[WHAT NEEDS TO BE DONE] Each line of the records containing "length" is to be copied out and returned.

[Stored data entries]
______________________________

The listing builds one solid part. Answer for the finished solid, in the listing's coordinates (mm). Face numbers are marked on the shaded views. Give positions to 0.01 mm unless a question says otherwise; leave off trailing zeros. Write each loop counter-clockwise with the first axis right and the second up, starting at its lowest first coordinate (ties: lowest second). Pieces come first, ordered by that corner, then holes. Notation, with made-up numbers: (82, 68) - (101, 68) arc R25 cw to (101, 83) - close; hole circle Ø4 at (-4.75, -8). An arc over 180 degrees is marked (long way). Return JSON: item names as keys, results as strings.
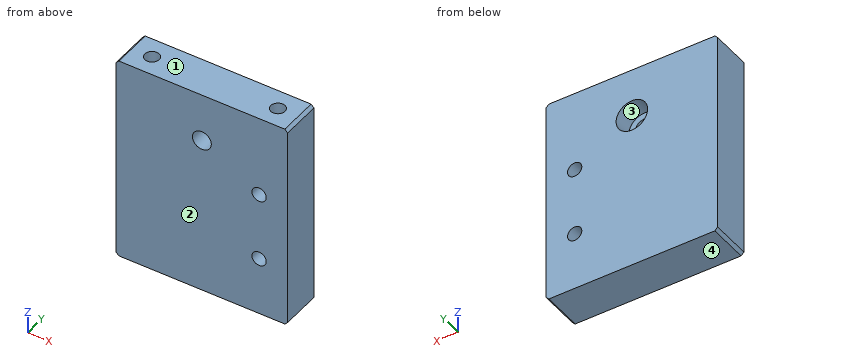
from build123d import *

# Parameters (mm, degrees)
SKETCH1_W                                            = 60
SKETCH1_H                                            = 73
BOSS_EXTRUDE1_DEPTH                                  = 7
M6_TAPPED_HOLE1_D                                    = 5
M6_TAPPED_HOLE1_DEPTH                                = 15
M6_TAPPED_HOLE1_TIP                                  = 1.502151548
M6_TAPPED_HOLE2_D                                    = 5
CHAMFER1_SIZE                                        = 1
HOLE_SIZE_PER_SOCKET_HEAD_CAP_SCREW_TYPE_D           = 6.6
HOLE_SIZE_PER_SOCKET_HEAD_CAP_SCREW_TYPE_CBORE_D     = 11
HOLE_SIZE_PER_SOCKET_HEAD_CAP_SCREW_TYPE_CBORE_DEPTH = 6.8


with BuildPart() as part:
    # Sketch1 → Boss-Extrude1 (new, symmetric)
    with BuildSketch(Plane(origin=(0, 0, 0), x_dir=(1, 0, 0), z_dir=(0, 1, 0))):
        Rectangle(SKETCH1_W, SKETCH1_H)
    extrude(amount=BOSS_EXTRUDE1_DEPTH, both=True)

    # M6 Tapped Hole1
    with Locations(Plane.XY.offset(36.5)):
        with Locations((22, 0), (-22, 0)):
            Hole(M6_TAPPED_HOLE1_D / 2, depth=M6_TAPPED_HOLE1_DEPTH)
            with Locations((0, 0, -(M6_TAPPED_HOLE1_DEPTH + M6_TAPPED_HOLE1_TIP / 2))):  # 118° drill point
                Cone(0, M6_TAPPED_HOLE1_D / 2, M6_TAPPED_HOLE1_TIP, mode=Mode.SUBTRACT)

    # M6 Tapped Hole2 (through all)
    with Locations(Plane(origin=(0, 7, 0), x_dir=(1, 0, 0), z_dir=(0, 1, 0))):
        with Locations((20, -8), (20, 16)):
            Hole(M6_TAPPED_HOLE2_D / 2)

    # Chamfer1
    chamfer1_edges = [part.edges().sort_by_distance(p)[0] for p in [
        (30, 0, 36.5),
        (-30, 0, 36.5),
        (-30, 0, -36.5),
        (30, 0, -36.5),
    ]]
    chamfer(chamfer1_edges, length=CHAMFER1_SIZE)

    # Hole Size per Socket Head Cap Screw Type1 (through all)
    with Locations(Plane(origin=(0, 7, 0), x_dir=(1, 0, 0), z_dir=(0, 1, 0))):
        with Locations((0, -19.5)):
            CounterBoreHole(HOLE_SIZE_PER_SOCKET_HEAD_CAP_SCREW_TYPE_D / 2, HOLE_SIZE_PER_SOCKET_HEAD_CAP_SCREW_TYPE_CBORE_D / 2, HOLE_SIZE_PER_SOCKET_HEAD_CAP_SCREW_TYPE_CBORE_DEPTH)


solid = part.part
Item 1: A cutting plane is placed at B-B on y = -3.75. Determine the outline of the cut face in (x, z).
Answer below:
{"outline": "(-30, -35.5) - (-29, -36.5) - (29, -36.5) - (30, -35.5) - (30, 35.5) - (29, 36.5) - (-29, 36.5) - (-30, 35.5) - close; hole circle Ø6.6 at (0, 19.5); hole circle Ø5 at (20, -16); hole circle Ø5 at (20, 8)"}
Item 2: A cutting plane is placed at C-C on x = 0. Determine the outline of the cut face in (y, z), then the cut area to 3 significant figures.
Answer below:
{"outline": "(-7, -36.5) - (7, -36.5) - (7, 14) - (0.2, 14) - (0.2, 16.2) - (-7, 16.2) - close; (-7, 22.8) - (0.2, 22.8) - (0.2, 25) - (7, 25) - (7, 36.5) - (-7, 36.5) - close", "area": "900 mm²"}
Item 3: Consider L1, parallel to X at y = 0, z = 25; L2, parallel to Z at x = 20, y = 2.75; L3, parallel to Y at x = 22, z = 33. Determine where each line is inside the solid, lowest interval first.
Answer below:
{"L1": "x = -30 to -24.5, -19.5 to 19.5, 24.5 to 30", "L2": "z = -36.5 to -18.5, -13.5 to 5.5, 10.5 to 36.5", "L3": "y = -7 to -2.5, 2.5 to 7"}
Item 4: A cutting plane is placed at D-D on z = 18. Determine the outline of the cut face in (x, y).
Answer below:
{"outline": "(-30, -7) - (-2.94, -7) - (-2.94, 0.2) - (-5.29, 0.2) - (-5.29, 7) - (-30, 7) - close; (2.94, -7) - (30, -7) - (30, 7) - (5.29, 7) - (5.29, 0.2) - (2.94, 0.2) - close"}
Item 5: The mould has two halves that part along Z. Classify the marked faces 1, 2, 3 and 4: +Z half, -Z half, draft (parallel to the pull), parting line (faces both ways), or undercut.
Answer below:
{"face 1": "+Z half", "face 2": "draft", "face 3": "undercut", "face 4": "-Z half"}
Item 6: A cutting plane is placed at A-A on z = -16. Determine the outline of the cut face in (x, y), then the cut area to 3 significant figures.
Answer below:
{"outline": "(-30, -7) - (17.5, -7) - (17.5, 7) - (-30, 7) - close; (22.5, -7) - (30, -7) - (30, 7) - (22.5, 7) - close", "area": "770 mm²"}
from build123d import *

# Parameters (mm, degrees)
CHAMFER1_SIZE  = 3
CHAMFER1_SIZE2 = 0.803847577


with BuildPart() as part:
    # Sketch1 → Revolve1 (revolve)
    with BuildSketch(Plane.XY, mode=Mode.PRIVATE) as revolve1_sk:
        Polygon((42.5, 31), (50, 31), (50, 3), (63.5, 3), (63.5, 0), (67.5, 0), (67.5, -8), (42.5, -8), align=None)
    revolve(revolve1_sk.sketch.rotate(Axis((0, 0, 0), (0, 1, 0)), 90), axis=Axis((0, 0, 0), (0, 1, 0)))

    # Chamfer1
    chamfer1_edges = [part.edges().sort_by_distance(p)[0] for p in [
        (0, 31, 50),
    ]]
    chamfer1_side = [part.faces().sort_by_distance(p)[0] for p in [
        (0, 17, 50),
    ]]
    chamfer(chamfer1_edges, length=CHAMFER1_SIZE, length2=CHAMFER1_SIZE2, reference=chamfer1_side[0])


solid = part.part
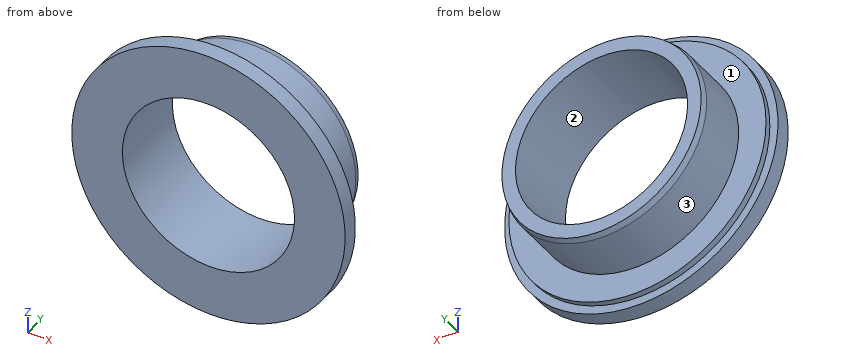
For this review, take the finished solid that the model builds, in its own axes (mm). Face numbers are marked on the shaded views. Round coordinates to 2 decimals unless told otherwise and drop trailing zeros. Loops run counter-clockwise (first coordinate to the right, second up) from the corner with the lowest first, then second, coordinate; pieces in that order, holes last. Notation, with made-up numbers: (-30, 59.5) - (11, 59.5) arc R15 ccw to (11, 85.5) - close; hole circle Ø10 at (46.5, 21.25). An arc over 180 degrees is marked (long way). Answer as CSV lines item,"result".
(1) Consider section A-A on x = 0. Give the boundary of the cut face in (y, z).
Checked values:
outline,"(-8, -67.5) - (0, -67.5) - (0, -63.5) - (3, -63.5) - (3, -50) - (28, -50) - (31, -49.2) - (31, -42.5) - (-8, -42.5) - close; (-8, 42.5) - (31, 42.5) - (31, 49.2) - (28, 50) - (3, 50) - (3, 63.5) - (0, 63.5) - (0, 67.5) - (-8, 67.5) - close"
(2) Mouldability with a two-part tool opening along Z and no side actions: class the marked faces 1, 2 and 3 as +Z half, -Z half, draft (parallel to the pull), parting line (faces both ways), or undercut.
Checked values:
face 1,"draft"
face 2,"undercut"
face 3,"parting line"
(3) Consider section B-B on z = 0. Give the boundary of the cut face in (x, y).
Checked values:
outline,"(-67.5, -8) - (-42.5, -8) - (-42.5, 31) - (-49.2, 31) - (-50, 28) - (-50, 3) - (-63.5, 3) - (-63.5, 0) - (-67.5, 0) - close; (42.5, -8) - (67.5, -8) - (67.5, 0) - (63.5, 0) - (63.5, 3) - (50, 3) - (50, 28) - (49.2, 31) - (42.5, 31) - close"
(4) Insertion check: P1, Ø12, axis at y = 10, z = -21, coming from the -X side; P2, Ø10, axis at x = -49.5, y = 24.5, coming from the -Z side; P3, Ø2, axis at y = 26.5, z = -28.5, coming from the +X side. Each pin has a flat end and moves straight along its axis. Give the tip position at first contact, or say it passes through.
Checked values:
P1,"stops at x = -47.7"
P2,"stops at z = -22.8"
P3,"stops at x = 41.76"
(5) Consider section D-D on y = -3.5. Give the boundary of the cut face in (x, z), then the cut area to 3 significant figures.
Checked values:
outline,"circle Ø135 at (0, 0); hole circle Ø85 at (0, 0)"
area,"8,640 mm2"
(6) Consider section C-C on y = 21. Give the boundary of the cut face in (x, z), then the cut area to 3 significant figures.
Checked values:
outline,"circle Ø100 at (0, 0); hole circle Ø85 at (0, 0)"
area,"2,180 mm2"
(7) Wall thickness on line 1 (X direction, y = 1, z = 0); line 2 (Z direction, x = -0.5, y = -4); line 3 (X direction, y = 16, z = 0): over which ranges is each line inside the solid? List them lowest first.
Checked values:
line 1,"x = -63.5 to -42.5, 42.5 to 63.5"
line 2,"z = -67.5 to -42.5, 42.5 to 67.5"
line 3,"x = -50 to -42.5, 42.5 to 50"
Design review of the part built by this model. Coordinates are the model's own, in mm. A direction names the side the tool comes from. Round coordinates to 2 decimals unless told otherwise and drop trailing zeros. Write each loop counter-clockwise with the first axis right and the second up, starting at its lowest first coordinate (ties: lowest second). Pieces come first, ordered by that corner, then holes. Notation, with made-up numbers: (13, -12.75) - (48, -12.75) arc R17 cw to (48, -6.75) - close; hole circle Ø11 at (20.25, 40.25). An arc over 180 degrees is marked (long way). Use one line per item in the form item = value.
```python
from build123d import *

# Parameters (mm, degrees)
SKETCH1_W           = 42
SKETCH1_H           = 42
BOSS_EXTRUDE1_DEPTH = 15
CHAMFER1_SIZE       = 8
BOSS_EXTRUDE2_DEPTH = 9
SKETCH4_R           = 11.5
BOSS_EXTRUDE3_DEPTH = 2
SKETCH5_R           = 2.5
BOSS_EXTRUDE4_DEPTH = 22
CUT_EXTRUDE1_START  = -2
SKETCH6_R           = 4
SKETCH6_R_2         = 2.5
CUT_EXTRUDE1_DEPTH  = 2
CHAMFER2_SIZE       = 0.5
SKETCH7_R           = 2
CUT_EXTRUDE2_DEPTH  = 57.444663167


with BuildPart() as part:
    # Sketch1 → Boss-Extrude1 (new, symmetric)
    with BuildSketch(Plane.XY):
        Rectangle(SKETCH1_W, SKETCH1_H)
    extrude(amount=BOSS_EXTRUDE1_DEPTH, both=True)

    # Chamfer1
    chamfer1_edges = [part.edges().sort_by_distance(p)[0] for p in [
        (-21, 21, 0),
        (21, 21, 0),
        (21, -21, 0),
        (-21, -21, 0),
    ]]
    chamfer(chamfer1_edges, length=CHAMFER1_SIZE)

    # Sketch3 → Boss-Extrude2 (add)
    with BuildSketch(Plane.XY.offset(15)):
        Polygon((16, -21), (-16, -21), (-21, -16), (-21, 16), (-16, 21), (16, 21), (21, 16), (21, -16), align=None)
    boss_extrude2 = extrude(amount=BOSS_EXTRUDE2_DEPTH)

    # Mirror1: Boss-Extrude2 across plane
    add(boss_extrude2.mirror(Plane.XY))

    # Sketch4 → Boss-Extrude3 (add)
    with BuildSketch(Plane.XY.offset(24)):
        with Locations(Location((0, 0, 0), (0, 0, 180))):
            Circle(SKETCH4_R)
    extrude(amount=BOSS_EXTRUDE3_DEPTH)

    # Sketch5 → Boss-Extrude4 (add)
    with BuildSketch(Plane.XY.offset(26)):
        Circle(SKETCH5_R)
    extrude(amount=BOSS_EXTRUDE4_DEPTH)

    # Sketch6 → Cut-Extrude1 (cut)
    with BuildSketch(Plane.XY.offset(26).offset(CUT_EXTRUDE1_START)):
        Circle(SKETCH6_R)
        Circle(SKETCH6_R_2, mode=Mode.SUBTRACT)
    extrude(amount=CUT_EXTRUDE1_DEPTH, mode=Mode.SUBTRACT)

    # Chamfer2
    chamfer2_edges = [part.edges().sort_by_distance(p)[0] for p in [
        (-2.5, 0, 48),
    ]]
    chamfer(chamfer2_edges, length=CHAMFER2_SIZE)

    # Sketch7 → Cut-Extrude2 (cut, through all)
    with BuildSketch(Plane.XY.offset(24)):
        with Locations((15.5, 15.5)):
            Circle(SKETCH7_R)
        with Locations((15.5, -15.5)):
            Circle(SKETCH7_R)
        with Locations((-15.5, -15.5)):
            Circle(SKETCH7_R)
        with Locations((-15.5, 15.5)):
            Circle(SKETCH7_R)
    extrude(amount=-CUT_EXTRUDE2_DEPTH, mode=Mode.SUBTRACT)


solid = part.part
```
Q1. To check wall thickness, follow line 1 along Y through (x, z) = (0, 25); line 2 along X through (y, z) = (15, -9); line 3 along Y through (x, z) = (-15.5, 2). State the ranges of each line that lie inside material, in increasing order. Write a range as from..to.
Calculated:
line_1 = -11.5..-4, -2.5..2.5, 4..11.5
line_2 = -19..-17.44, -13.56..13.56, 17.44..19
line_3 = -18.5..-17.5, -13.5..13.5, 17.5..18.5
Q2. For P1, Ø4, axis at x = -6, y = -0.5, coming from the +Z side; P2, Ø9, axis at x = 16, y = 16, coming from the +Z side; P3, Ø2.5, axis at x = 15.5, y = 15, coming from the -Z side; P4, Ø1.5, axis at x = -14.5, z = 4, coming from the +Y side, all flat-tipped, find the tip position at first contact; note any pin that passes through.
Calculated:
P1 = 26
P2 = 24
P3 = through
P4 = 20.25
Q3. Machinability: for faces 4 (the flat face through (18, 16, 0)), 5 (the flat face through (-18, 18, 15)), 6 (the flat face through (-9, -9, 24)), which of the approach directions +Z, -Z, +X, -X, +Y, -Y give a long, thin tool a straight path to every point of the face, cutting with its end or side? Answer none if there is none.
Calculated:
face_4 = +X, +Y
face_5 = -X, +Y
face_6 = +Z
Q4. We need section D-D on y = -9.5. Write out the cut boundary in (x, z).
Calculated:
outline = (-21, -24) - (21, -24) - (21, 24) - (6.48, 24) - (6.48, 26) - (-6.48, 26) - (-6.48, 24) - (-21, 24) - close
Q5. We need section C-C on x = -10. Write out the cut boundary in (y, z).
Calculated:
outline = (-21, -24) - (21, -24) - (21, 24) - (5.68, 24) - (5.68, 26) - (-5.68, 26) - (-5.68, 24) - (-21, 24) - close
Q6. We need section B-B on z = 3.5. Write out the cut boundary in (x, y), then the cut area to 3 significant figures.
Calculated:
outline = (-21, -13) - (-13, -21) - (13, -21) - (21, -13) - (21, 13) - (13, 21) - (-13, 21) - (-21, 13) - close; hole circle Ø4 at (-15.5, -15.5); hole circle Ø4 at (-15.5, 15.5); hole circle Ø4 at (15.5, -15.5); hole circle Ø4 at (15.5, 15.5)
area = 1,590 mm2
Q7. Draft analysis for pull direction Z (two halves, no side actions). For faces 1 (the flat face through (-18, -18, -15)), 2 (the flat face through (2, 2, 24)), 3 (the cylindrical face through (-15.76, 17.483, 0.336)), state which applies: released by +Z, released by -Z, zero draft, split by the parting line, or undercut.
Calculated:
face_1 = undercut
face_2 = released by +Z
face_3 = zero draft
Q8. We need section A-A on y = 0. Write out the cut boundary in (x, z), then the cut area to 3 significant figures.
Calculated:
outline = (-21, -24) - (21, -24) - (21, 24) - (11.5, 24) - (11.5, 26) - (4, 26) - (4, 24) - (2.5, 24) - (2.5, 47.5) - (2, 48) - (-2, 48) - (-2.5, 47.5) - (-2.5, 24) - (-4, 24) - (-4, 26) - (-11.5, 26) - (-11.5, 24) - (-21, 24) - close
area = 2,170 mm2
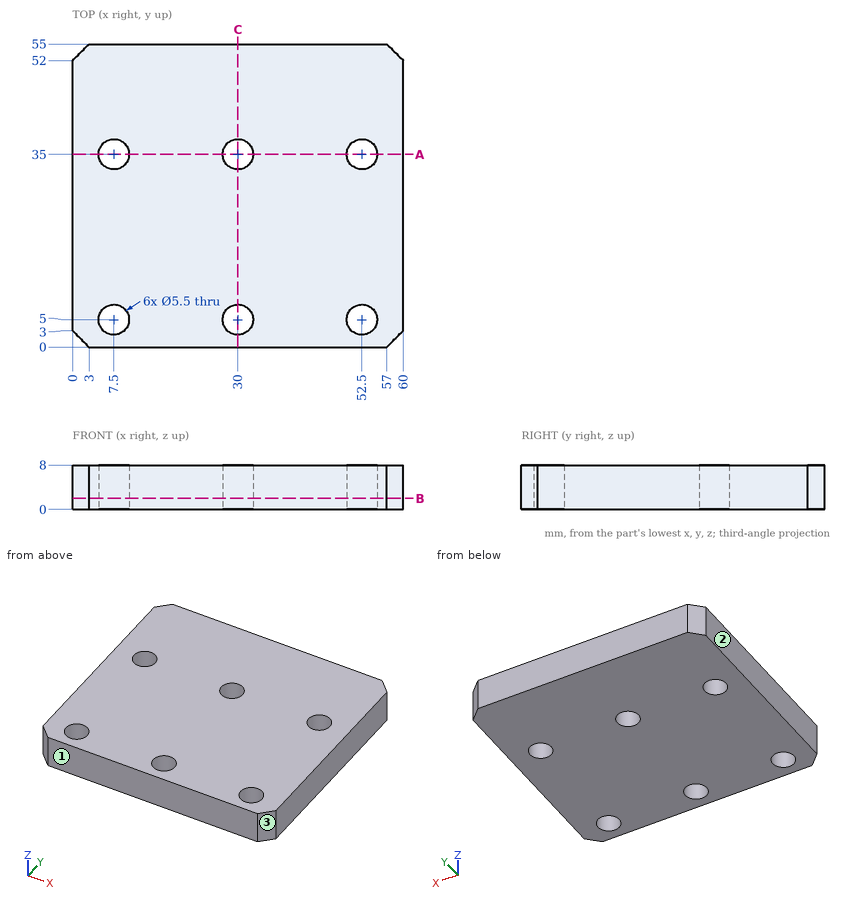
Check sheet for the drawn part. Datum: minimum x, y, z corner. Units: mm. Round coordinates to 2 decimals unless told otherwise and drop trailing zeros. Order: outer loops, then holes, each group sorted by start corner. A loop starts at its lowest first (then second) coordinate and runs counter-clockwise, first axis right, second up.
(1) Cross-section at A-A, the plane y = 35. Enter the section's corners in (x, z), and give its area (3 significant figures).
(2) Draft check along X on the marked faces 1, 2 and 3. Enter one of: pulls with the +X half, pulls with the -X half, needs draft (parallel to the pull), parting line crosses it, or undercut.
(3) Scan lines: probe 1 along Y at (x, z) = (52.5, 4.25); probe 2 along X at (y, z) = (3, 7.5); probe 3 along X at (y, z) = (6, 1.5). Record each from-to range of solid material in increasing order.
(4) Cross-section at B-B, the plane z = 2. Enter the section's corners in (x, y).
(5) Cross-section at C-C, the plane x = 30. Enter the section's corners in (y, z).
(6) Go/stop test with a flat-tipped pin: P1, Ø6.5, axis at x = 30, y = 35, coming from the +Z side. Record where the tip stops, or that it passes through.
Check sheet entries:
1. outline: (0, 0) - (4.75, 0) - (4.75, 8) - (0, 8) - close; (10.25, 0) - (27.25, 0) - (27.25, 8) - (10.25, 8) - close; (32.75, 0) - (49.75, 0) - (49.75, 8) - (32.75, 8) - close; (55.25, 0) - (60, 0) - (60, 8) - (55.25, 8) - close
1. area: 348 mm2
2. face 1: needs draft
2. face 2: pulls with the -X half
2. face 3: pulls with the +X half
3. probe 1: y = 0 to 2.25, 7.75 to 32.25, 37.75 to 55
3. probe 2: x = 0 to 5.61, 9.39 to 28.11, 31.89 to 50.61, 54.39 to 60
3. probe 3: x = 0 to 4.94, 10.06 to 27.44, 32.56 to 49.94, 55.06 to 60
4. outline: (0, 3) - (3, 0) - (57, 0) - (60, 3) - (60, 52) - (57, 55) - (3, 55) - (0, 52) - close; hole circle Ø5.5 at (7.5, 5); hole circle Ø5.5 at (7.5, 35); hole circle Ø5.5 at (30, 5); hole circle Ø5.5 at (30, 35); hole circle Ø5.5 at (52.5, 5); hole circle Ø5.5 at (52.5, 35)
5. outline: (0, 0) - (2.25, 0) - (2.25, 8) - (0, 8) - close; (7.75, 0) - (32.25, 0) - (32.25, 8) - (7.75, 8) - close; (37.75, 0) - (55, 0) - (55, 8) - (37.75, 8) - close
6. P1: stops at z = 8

______________________________

[ANSWER FOR THIS EXERCISE]
    chamfer(chamfer1_edges, length=CHAMFER1_SIZE)
    chamfer(chamfer1_edges, length=CHAMFER1_SIZE, length2=CHAMFER1_SIZE2, reference=chamfer1_side[0])
    chamfer(chamfer1_edges, length=CHAMFER1_SIZE)
    chamfer(chamfer2_edges, length=CHAMFER2_SIZE)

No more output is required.